Items from a dataset
=== Begin Enclosure ===

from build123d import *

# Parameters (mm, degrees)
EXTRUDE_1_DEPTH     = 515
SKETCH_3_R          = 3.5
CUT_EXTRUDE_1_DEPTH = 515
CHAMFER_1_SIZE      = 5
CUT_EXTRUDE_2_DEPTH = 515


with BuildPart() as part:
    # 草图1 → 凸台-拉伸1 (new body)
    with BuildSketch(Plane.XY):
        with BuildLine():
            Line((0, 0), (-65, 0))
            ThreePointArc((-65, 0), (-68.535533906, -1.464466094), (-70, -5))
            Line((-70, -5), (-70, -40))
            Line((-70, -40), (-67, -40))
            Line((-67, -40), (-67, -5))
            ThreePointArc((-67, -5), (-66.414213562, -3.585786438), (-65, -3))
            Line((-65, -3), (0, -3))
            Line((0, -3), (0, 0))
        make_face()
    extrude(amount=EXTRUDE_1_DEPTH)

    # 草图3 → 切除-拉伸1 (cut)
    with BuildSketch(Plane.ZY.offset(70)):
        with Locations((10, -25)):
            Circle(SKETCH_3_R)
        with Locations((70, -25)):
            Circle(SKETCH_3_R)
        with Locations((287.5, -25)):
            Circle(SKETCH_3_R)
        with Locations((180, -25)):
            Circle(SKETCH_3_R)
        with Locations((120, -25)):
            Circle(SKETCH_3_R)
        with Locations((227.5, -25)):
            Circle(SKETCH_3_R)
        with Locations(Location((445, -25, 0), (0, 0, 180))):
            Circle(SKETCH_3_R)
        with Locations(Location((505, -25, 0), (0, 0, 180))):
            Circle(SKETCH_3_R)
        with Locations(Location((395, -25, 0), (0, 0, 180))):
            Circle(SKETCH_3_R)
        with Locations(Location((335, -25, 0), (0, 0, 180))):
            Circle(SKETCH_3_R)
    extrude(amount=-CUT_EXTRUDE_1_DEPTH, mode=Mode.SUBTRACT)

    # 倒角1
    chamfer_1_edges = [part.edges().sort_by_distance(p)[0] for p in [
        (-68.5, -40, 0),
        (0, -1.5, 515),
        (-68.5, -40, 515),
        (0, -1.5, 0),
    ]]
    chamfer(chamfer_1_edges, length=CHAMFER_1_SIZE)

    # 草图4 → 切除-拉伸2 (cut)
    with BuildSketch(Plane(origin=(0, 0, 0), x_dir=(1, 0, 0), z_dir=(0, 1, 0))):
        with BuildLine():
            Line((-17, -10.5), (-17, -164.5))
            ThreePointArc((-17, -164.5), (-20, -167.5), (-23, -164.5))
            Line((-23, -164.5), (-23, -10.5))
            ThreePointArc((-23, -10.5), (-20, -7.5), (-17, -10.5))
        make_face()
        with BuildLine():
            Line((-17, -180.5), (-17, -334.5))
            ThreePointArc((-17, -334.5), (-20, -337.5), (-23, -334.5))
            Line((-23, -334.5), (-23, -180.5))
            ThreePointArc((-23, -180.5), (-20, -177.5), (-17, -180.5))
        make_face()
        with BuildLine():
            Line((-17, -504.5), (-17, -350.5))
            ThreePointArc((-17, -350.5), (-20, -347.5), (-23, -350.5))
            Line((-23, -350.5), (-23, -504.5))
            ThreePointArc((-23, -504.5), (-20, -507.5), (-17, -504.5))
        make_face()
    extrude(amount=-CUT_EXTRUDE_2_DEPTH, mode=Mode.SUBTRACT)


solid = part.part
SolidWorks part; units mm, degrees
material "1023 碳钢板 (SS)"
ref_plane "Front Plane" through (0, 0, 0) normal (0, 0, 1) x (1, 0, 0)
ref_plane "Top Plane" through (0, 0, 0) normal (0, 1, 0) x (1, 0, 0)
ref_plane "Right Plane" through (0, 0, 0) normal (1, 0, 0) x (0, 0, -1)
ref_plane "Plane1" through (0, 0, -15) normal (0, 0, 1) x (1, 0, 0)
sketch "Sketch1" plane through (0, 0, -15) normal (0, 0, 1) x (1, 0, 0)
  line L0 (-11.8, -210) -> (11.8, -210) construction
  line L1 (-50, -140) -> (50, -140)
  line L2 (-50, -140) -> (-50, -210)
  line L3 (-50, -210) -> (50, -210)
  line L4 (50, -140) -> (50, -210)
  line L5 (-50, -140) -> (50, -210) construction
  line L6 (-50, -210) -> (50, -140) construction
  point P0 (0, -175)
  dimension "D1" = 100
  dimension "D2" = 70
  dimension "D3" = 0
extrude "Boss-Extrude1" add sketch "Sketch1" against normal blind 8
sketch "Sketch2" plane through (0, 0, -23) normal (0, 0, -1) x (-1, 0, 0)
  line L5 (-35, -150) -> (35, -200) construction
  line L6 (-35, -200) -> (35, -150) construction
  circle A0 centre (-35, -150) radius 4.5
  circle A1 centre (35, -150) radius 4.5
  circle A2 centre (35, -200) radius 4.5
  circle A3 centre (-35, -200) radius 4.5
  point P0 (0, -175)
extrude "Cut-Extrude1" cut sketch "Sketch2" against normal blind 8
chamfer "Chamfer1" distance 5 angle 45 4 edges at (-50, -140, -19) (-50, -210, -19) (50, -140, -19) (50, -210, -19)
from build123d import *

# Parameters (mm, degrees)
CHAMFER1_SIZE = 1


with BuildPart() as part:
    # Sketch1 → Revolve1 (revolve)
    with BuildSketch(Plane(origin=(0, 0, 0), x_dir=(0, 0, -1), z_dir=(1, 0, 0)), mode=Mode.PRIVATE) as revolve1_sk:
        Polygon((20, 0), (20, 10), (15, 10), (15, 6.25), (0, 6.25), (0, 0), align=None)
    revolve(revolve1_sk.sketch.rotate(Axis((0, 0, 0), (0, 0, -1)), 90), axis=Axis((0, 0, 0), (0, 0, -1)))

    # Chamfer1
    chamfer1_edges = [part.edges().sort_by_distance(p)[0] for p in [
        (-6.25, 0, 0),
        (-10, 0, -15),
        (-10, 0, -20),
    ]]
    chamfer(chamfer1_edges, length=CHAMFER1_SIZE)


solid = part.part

=== End Enclosure ===

**Requirement:** An exact transcript of all the records is the expected result.

**Answer to the exercise:**
from build123d import *

# Parameters (mm, degrees)
EXTRUDE_1_DEPTH     = 515
SKETCH_3_R          = 3.5
CUT_EXTRUDE_1_DEPTH = 515
CHAMFER_1_SIZE      = 5
CUT_EXTRUDE_2_DEPTH = 515


with BuildPart() as part:
    # 草图1 → 凸台-拉伸1 (new body)
    with BuildSketch(Plane.XY):
        with BuildLine():
            Line((0, 0), (-65, 0))
            ThreePointArc((-65, 0), (-68.535533906, -1.464466094), (-70, -5))
            Line((-70, -5), (-70, -40))
            Line((-70, -40), (-67, -40))
            Line((-67, -40), (-67, -5))
            ThreePointArc((-67, -5), (-66.414213562, -3.585786438), (-65, -3))
            Line((-65, -3), (0, -3))
            Line((0, -3), (0, 0))
        make_face()
    extrude(amount=EXTRUDE_1_DEPTH)

    # 草图3 → 切除-拉伸1 (cut)
    with BuildSketch(Plane.ZY.offset(70)):
        with Locations((10, -25)):
            Circle(SKETCH_3_R)
        with Locations((70, -25)):
            Circle(SKETCH_3_R)
        with Locations((287.5, -25)):
            Circle(SKETCH_3_R)
        with Locations((180, -25)):
            Circle(SKETCH_3_R)
        with Locations((120, -25)):
            Circle(SKETCH_3_R)
        with Locations((227.5, -25)):
            Circle(SKETCH_3_R)
        with Locations(Location((445, -25, 0), (0, 0, 180))):
            Circle(SKETCH_3_R)
        with Locations(Location((505, -25, 0), (0, 0, 180))):
            Circle(SKETCH_3_R)
        with Locations(Location((395, -25, 0), (0, 0, 180))):
            Circle(SKETCH_3_R)
        with Locations(Location((335, -25, 0), (0, 0, 180))):
            Circle(SKETCH_3_R)
    extrude(amount=-CUT_EXTRUDE_1_DEPTH, mode=Mode.SUBTRACT)

    # 倒角1
    chamfer_1_edges = [part.edges().sort_by_distance(p)[0] for p in [
        (-68.5, -40, 0),
        (0, -1.5, 515),
        (-68.5, -40, 515),
        (0, -1.5, 0),
    ]]
    chamfer(chamfer_1_edges, length=CHAMFER_1_SIZE)

    # 草图4 → 切除-拉伸2 (cut)
    with BuildSketch(Plane(origin=(0, 0, 0), x_dir=(1, 0, 0), z_dir=(0, 1, 0))):
        with BuildLine():
            Line((-17, -10.5), (-17, -164.5))
            ThreePointArc((-17, -164.5), (-20, -167.5), (-23, -164.5))
            Line((-23, -164.5), (-23, -10.5))
            ThreePointArc((-23, -10.5), (-20, -7.5), (-17, -10.5))
        make_face()
        with BuildLine():
            Line((-17, -180.5), (-17, -334.5))
            ThreePointArc((-17, -334.5), (-20, -337.5), (-23, -334.5))
            Line((-23, -334.5), (-23, -180.5))
            ThreePointArc((-23, -180.5), (-20, -177.5), (-17, -180.5))
        make_face()
        with BuildLine():
            Line((-17, -504.5), (-17, -350.5))
            ThreePointArc((-17, -350.5), (-20, -347.5), (-23, -350.5))
            Line((-23, -350.5), (-23, -504.5))
            ThreePointArc((-23, -504.5), (-20, -507.5), (-17, -504.5))
        make_face()
    extrude(amount=-CUT_EXTRUDE_2_DEPTH, mode=Mode.SUBTRACT)


solid = part.part
SolidWorks part; units mm, degrees
material "1023 碳钢板 (SS)"
ref_plane "Front Plane" through (0, 0, 0) normal (0, 0, 1) x (1, 0, 0)
ref_plane "Top Plane" through (0, 0, 0) normal (0, 1, 0) x (1, 0, 0)
ref_plane "Right Plane" through (0, 0, 0) normal (1, 0, 0) x (0, 0, -1)
ref_plane "Plane1" through (0, 0, -15) normal (0, 0, 1) x (1, 0, 0)
sketch "Sketch1" plane through (0, 0, -15) normal (0, 0, 1) x (1, 0, 0)
  line L0 (-11.8, -210) -> (11.8, -210) construction
  line L1 (-50, -140) -> (50, -140)
  line L2 (-50, -140) -> (-50, -210)
  line L3 (-50, -210) -> (50, -210)
  line L4 (50, -140) -> (50, -210)
  line L5 (-50, -140) -> (50, -210) construction
  line L6 (-50, -210) -> (50, -140) construction
  point P0 (0, -175)
  dimension "D1" = 100
  dimension "D2" = 70
  dimension "D3" = 0
extrude "Boss-Extrude1" add sketch "Sketch1" against normal blind 8
sketch "Sketch2" plane through (0, 0, -23) normal (0, 0, -1) x (-1, 0, 0)
  line L5 (-35, -150) -> (35, -200) construction
  line L6 (-35, -200) -> (35, -150) construction
  circle A0 centre (-35, -150) radius 4.5
  circle A1 centre (35, -150) radius 4.5
  circle A2 centre (35, -200) radius 4.5
  circle A3 centre (-35, -200) radius 4.5
  point P0 (0, -175)
extrude "Cut-Extrude1" cut sketch "Sketch2" against normal blind 8
chamfer "Chamfer1" distance 5 angle 45 4 edges at (-50, -140, -19) (-50, -210, -19) (50, -140, -19) (50, -210, -19)
from build123d import *

# Parameters (mm, degrees)
CHAMFER1_SIZE = 1


with BuildPart() as part:
    # Sketch1 → Revolve1 (revolve)
    with BuildSketch(Plane(origin=(0, 0, 0), x_dir=(0, 0, -1), z_dir=(1, 0, 0)), mode=Mode.PRIVATE) as revolve1_sk:
        Polygon((20, 0), (20, 10), (15, 10), (15, 6.25), (0, 6.25), (0, 0), align=None)
    revolve(revolve1_sk.sketch.rotate(Axis((0, 0, 0), (0, 0, -1)), 90), axis=Axis((0, 0, 0), (0, 0, -1)))

    # Chamfer1
    chamfer1_edges = [part.edges().sort_by_distance(p)[0] for p in [
        (-6.25, 0, 0),
        (-10, 0, -15),
        (-10, 0, -20),
    ]]
    chamfer(chamfer1_edges, length=CHAMFER1_SIZE)


solid = part.part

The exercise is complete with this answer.